Exercise objective:
Given the listing below, the answer must be only the number of lines containing the string "CompositionType".

**** Excerpted records

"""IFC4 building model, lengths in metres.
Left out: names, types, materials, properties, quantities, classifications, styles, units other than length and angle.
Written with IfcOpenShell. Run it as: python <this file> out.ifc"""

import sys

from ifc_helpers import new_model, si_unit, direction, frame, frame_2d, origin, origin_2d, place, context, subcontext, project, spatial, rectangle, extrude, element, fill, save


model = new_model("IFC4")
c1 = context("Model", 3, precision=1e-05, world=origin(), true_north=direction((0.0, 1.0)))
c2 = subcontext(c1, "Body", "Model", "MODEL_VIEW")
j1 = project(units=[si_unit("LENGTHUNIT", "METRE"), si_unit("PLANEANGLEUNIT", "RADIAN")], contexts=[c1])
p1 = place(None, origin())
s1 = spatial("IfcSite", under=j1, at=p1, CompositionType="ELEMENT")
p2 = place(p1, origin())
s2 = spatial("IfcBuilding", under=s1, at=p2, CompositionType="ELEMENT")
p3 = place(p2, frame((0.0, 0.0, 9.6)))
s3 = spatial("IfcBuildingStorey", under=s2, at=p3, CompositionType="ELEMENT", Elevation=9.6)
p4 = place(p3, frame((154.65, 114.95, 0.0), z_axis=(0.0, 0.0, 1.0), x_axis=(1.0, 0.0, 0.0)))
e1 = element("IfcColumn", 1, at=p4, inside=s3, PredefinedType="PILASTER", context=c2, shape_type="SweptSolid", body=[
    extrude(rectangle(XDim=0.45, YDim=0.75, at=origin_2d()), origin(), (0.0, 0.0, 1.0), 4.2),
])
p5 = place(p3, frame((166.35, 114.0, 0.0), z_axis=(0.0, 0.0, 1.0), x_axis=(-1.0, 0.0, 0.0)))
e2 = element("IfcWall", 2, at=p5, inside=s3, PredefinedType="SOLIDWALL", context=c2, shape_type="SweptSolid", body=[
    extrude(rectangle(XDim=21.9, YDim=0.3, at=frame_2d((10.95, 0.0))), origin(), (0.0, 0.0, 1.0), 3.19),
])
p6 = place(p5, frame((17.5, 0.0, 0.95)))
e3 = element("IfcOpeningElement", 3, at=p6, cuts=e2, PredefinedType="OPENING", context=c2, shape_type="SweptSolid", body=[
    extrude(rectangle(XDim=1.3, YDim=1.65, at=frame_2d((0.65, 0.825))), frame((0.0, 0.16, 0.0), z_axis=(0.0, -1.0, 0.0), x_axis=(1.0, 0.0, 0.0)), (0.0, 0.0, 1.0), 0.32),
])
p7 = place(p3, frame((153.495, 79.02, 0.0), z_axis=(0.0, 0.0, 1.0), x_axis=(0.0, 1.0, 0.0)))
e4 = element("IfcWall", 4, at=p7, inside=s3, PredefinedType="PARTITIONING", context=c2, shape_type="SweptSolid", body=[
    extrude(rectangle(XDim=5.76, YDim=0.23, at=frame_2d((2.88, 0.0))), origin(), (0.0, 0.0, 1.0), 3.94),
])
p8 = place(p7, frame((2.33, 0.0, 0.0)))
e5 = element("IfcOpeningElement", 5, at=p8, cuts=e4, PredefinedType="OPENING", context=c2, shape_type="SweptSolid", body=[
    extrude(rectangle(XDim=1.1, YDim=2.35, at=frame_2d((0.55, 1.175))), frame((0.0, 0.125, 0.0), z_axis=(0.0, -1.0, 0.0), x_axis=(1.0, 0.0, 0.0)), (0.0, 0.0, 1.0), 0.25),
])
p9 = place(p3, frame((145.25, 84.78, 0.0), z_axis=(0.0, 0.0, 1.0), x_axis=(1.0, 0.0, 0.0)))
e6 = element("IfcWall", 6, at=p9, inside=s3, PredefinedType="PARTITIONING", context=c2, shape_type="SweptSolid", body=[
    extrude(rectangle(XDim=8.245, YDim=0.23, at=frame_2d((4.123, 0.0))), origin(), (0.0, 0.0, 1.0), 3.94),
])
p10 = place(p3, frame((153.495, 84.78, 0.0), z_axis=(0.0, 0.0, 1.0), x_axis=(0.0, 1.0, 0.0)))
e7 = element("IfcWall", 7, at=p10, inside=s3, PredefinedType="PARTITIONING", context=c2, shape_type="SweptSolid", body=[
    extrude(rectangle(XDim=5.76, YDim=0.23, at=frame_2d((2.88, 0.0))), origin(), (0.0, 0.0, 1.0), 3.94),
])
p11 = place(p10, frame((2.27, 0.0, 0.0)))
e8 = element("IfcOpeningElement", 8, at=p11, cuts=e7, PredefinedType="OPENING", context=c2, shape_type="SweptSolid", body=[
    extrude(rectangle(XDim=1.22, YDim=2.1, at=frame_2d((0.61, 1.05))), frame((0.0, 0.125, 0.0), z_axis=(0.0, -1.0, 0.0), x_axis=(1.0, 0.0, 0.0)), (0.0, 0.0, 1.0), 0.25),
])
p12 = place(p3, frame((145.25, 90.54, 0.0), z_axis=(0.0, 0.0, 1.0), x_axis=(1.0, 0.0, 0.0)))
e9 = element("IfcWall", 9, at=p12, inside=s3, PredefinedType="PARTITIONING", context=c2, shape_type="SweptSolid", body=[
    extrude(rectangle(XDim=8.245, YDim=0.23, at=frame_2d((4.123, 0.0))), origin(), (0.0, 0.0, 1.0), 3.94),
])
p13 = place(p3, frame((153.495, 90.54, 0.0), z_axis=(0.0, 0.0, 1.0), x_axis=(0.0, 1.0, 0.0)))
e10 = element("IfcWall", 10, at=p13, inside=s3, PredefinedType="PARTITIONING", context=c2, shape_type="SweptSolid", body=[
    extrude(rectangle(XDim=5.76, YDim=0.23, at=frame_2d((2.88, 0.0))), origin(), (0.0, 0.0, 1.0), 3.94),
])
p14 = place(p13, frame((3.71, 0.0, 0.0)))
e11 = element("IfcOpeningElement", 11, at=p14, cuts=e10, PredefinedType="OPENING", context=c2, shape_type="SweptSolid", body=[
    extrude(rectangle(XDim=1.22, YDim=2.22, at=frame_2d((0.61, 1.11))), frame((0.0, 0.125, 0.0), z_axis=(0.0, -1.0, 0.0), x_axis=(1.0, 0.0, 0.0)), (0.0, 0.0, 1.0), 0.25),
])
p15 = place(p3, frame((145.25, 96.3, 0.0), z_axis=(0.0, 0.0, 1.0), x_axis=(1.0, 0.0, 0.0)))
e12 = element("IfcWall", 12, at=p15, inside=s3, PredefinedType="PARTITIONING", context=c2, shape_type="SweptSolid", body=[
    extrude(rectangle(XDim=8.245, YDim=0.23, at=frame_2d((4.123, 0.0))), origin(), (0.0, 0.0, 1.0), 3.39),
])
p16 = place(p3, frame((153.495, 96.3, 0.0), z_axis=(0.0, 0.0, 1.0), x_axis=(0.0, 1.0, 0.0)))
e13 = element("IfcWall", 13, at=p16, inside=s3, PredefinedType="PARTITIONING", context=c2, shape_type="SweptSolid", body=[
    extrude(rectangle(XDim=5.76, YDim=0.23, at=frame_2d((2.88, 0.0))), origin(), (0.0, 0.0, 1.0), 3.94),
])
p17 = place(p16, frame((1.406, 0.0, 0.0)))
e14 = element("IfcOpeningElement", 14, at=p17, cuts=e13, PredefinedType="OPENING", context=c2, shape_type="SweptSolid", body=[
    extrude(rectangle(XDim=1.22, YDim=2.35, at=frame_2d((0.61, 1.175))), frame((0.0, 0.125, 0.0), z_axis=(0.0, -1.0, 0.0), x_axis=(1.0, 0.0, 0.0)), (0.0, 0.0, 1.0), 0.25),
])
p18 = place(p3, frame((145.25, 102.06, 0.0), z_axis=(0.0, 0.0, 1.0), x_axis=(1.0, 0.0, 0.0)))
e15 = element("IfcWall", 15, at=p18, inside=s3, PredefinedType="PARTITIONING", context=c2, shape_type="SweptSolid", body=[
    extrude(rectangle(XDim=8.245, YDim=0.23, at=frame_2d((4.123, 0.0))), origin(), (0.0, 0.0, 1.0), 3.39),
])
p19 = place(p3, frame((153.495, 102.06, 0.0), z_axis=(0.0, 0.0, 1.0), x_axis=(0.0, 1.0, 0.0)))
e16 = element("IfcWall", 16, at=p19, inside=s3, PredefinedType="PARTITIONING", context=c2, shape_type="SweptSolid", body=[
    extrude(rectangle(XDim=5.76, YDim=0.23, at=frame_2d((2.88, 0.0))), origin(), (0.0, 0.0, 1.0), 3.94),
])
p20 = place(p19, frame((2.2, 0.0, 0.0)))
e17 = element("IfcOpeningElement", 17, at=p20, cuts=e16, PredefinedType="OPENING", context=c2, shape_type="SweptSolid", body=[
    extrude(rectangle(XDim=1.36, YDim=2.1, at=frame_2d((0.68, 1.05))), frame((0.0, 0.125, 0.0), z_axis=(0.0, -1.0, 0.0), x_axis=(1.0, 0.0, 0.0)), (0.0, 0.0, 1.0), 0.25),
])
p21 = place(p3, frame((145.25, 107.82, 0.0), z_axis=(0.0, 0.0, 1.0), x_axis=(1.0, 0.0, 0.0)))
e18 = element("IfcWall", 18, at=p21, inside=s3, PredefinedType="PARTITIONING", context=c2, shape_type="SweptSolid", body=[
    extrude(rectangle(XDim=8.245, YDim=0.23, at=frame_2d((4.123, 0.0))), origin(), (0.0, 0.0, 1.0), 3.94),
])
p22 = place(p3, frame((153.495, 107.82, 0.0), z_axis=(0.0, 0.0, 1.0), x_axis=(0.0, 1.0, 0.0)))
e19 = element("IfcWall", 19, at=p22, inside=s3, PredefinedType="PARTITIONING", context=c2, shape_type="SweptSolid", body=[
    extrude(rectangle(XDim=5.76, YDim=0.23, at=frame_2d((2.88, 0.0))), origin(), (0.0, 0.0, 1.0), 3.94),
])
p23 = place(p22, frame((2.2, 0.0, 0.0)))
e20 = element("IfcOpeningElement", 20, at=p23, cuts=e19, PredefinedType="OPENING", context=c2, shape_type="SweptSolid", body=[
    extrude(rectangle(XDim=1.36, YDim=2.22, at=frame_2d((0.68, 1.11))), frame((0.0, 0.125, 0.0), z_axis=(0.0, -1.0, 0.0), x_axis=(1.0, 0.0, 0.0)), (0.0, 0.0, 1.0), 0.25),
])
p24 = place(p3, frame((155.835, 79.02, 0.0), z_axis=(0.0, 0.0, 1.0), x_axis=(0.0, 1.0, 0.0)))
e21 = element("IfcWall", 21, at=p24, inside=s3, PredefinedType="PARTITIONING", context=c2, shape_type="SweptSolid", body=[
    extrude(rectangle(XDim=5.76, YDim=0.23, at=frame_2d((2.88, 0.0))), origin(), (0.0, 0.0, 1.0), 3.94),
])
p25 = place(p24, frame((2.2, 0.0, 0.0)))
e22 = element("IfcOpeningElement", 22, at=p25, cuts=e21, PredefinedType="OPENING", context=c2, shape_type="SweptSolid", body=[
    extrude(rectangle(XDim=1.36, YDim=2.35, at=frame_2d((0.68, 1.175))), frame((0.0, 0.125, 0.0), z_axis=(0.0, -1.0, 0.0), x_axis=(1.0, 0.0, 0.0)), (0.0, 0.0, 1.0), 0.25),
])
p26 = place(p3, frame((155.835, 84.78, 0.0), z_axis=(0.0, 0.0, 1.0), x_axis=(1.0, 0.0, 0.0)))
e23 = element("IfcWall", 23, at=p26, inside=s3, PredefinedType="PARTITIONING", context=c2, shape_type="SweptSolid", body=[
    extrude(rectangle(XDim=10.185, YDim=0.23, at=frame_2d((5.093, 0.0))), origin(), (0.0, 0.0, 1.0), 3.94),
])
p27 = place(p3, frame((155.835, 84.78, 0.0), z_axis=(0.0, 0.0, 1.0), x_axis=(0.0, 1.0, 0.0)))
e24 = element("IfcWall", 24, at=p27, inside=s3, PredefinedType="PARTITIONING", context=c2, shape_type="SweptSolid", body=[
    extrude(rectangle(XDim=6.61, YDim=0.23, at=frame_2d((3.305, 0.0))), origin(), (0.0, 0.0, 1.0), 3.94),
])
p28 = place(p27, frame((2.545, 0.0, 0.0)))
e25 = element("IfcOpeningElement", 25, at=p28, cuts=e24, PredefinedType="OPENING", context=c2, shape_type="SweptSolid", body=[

********

Solution below:
3